(YOUR INSTRUCTIONS):
Your task is to copy each line of the material below that includes "Birch".
-------- AVAILABLE DATA --------
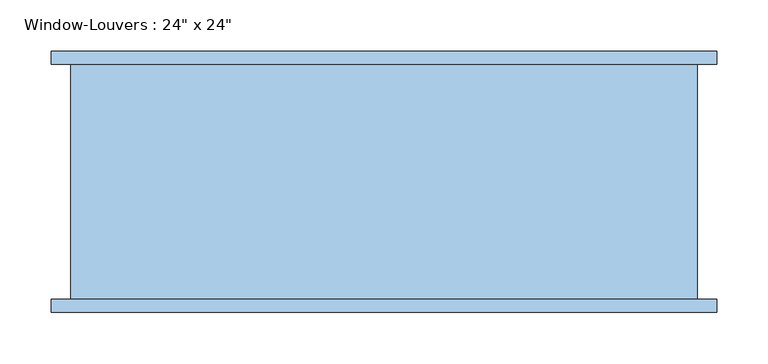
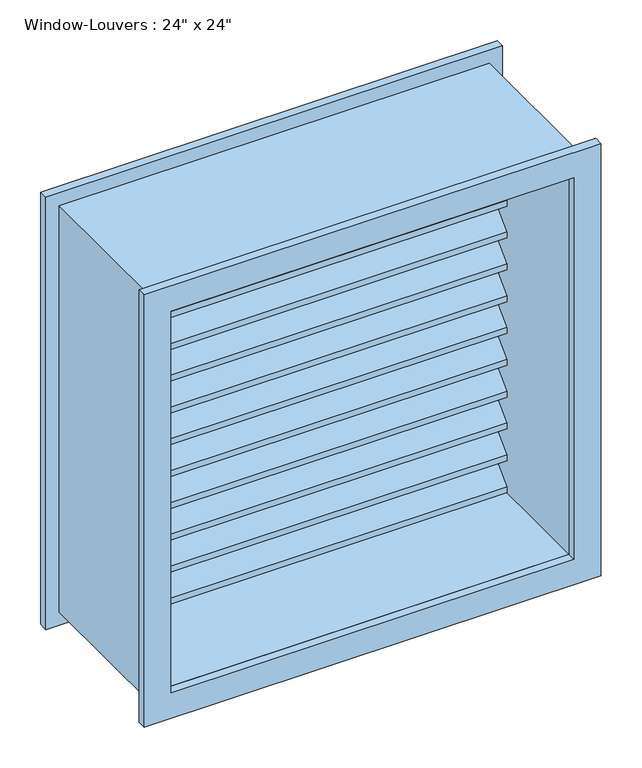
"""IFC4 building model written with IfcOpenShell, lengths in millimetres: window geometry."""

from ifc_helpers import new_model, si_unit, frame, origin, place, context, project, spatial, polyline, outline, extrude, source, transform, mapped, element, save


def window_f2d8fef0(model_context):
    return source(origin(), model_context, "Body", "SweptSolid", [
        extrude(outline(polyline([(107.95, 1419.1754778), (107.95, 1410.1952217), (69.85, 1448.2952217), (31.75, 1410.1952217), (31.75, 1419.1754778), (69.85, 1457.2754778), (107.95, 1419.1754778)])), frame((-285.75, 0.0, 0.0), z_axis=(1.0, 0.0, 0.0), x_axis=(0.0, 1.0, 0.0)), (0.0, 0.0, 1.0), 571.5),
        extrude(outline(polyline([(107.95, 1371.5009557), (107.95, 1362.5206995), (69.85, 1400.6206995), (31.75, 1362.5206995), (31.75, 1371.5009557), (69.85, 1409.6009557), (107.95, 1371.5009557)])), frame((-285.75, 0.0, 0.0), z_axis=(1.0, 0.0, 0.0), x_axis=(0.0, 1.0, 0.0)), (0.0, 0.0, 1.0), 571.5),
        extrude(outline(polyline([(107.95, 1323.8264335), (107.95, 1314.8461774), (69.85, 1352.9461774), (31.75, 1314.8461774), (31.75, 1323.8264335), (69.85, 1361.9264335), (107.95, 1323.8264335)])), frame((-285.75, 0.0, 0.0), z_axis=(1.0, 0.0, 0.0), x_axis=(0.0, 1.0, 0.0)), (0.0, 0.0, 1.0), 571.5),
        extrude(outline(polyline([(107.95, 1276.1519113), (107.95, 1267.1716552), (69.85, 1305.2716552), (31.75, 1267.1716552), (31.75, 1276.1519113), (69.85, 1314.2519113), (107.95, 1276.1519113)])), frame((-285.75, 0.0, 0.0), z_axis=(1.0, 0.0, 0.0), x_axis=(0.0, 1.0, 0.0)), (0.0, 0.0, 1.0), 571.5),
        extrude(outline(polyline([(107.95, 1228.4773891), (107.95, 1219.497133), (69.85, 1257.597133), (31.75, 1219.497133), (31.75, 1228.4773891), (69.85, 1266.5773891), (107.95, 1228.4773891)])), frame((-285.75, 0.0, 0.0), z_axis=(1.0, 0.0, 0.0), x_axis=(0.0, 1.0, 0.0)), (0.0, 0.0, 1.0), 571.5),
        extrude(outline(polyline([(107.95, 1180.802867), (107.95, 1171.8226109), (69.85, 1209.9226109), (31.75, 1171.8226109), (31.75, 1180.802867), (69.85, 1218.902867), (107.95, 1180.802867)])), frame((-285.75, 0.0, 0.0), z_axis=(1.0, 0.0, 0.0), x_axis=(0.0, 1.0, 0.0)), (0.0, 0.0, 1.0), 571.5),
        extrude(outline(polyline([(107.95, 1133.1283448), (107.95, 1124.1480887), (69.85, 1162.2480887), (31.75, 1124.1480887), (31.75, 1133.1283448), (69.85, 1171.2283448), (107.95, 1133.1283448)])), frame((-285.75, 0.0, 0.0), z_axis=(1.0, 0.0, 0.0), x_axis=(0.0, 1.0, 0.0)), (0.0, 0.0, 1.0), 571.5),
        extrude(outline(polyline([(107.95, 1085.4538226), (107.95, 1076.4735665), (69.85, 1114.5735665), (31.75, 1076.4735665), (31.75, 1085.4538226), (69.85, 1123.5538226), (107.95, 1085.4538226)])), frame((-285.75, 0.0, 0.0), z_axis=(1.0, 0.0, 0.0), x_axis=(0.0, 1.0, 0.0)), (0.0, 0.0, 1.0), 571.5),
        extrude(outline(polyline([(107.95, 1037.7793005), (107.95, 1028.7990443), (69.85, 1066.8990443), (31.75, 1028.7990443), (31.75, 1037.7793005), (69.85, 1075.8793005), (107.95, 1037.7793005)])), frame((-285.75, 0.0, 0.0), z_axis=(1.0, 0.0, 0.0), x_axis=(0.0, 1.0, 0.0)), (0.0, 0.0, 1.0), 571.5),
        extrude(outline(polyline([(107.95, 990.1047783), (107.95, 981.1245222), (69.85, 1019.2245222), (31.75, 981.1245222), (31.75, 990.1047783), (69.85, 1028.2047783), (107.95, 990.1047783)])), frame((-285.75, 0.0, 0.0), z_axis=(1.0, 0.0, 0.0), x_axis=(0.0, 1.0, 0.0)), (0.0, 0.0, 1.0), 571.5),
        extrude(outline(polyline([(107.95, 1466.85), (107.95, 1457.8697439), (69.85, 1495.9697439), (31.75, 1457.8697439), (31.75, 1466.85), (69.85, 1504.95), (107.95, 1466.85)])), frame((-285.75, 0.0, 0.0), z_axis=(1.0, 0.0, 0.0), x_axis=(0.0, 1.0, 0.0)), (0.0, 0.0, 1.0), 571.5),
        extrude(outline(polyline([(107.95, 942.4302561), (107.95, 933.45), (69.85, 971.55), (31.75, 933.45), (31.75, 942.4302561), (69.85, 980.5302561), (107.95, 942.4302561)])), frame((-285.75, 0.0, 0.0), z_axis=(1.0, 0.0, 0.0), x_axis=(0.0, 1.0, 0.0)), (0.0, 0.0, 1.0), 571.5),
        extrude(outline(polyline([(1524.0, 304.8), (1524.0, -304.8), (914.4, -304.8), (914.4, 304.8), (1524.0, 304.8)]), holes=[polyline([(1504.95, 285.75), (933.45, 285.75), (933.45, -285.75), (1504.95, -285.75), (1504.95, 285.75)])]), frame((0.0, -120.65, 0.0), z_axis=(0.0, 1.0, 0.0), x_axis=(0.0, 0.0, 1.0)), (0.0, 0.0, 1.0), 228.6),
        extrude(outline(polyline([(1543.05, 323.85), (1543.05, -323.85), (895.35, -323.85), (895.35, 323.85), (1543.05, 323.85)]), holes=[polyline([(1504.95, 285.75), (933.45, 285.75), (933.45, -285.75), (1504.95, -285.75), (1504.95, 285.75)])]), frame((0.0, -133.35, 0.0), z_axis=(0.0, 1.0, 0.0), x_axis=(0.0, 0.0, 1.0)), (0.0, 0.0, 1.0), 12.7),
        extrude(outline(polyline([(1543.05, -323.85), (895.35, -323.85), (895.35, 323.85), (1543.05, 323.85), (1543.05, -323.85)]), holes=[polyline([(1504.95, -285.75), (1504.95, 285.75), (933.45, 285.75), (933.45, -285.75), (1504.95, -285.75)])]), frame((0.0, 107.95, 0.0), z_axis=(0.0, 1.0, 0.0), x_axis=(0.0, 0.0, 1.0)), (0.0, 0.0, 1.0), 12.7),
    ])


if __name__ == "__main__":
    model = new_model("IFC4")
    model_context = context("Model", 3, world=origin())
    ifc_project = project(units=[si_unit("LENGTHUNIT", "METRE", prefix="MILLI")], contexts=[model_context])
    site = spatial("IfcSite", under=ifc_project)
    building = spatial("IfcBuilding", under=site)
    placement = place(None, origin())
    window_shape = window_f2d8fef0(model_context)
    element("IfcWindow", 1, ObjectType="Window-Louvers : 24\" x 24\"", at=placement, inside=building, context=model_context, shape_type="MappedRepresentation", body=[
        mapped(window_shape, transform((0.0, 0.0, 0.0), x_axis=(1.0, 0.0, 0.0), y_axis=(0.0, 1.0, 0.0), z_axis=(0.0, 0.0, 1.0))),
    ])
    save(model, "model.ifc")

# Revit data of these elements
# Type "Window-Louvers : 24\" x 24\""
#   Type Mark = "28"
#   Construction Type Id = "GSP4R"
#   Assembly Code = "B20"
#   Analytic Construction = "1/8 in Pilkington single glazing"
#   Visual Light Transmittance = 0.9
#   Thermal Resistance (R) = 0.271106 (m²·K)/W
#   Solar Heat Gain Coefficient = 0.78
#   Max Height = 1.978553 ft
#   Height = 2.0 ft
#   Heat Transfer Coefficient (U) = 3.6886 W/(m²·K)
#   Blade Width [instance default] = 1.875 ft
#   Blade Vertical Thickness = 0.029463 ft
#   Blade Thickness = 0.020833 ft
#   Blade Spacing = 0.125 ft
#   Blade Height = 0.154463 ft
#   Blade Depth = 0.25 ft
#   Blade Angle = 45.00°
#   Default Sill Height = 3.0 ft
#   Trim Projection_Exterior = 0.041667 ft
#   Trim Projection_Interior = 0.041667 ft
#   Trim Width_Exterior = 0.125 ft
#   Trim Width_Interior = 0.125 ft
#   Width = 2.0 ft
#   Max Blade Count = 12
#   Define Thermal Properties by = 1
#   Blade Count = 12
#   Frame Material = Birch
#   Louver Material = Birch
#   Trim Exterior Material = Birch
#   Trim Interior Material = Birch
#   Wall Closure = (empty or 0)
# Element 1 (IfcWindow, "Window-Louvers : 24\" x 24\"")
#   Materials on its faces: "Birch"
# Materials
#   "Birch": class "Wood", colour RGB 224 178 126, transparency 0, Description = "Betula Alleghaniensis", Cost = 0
--------
(OUTPUT BELOW):
#   Frame Material = Birch
#   Louver Material = Birch
#   Trim Exterior Material = Birch
#   Trim Interior Material = Birch
#   Materials on its faces: "Birch"
#   "Birch": class "Wood", colour RGB 224 178 126, transparency 0, Description = "Betula Alleghaniensis", Cost = 0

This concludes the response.